# YOUR ASSIGNMENT:
Filter the entries, keeping every line with the string "BuildSketch".
(RAW DATA Opens)
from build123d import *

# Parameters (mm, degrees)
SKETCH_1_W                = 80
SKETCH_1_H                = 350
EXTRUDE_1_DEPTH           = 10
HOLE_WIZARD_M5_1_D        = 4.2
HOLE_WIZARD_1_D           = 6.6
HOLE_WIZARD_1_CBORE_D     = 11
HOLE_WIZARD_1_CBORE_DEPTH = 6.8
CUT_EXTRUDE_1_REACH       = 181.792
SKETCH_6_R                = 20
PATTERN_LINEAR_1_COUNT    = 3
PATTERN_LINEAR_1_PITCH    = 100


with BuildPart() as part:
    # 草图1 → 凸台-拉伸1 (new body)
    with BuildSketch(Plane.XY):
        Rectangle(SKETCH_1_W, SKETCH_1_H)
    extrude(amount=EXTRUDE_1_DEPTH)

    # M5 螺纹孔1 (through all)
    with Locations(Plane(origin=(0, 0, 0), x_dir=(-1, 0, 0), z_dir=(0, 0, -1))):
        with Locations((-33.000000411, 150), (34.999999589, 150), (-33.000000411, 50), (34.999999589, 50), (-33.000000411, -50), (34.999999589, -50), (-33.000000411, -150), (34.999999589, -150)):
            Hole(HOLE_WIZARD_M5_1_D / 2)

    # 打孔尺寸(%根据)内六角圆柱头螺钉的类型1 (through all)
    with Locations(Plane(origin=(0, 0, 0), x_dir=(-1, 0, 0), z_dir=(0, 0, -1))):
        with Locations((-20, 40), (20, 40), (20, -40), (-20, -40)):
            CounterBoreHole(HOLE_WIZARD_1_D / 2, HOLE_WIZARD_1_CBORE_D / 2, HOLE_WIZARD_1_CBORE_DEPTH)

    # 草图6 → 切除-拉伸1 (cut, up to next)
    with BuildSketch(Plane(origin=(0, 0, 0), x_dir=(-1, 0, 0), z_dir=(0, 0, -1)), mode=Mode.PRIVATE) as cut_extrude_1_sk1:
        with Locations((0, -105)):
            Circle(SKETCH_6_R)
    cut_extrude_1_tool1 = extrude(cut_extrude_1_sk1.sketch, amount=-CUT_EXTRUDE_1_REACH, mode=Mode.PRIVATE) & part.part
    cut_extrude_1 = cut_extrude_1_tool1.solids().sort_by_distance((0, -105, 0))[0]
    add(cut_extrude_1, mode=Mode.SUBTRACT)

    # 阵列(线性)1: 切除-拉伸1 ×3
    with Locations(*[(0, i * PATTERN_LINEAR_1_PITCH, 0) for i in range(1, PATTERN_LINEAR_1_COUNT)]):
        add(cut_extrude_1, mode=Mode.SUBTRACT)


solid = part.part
(RAW DATA Closes)
# SOLVED EXERCISE:
    with BuildSketch(Plane.XY):
    with BuildSketch(Plane(origin=(0, 0, 0), x_dir=(-1, 0, 0), z_dir=(0, 0, -1)), mode=Mode.PRIVATE) as cut_extrude_1_sk1:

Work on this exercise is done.